[[ EXERCISE DATA open ]]
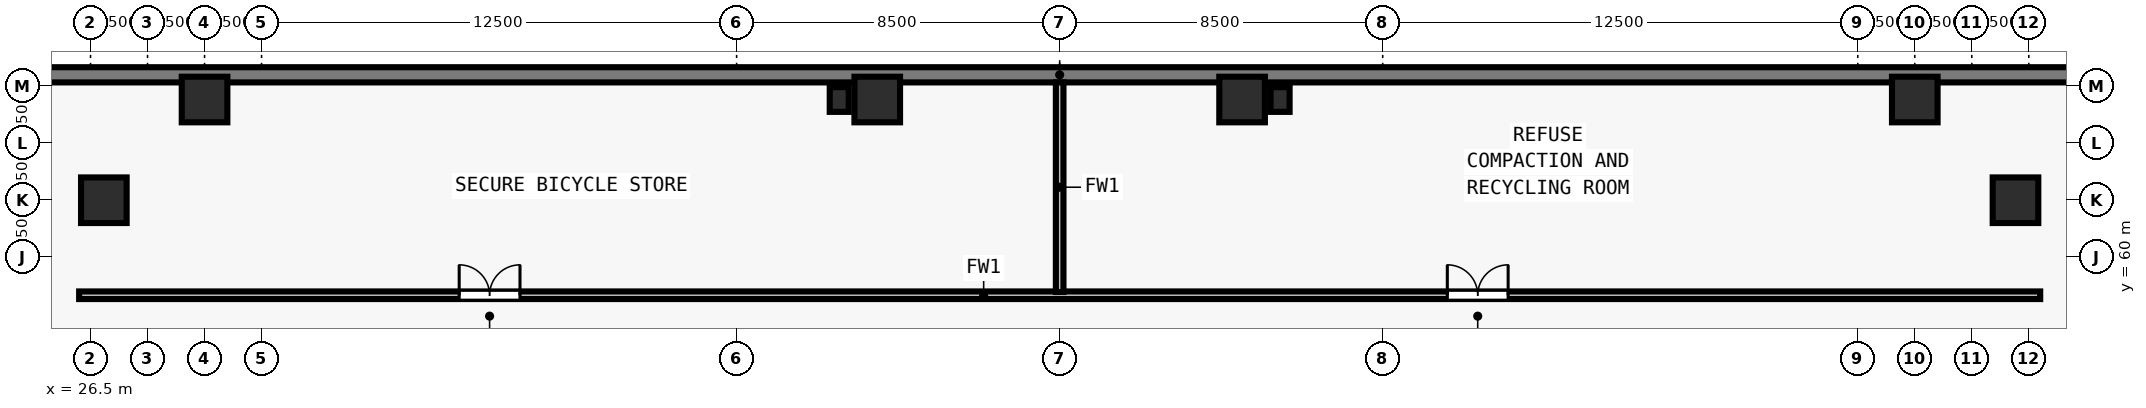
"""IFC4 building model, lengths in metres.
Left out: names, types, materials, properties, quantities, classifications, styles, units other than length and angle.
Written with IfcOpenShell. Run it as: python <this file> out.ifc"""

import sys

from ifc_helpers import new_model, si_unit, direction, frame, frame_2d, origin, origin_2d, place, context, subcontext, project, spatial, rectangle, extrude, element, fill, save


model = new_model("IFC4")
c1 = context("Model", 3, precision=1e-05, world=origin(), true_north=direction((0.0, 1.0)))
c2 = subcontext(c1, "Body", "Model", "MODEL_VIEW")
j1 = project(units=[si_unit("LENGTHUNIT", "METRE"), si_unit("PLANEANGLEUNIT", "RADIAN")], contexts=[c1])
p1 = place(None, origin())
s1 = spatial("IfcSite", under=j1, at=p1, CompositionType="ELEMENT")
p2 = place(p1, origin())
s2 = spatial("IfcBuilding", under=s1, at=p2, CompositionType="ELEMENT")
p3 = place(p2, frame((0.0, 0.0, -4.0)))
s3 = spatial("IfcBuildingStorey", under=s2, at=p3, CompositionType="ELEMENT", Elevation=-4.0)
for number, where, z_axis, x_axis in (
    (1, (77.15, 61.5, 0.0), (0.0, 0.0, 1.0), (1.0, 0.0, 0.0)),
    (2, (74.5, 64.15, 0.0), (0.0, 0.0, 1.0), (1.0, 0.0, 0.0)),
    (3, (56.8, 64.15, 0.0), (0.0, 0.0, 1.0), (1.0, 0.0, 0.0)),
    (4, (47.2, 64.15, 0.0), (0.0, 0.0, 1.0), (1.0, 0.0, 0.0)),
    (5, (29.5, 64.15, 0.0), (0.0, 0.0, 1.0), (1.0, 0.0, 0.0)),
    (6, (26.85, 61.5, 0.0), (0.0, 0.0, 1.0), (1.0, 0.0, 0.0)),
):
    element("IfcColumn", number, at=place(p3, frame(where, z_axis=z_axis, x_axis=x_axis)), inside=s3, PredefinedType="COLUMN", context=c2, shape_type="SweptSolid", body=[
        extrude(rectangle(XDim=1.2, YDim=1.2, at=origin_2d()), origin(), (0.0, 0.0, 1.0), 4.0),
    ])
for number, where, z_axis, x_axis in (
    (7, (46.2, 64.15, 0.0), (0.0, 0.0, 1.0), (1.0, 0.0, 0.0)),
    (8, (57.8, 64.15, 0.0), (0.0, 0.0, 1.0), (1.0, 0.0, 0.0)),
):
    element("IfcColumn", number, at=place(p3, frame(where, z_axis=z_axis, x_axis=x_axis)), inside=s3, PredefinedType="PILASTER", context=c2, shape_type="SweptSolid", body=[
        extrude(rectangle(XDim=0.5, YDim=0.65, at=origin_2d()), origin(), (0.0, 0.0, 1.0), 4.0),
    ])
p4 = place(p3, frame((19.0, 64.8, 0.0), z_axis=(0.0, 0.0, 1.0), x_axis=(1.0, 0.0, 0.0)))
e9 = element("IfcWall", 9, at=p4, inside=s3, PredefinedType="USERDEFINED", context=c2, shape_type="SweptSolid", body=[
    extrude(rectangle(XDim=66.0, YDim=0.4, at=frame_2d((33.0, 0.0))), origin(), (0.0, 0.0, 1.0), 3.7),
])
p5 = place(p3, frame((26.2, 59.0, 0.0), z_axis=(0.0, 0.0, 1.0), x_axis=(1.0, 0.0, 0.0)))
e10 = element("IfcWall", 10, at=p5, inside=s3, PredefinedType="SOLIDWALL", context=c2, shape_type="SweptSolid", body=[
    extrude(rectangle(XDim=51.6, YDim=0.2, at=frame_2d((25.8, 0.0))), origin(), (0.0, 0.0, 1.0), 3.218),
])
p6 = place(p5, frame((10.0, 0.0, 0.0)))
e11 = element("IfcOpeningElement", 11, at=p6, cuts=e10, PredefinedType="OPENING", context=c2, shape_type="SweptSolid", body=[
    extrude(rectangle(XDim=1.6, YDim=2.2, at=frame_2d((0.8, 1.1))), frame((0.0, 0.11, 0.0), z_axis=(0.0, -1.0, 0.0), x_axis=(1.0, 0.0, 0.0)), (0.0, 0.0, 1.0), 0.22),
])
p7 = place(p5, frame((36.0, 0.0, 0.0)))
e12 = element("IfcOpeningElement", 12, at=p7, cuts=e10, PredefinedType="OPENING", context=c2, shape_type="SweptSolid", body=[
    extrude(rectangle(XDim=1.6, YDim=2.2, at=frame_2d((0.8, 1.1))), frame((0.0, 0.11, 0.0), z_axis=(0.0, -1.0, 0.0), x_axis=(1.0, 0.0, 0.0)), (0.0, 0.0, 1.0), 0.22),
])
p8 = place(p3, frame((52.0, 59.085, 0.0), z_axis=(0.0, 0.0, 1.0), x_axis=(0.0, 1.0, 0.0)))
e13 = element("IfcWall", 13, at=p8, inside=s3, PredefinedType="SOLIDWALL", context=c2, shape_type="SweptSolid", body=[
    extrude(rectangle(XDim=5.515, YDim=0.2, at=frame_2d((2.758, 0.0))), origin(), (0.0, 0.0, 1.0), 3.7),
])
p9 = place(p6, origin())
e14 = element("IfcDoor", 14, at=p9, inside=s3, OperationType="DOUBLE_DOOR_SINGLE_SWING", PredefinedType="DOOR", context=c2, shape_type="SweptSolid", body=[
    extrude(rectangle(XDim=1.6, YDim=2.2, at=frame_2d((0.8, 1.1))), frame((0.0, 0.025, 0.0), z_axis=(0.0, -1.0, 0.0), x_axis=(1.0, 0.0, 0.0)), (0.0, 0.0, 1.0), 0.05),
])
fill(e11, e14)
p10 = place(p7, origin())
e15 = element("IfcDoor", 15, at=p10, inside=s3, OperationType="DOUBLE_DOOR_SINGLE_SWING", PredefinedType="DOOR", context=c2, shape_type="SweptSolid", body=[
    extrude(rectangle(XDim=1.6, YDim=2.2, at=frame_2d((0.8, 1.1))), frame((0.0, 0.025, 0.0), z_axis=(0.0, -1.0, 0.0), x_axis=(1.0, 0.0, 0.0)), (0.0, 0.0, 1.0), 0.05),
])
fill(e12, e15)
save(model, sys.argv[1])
[[ EXERCISE DATA closed ]]
**WHAT YOU WILL DO:**
The expected answer is a copy of each line above containing "IfcDoor".

**SOLUTION TO THIS TASK:**
e14 = element("IfcDoor", 14, at=p9, inside=s3, OperationType="DOUBLE_DOOR_SINGLE_SWING", PredefinedType="DOOR", context=c2, shape_type="SweptSolid", body=[
e15 = element("IfcDoor", 15, at=p10, inside=s3, OperationType="DOUBLE_DOOR_SINGLE_SWING", PredefinedType="DOOR", context=c2, shape_type="SweptSolid", body=[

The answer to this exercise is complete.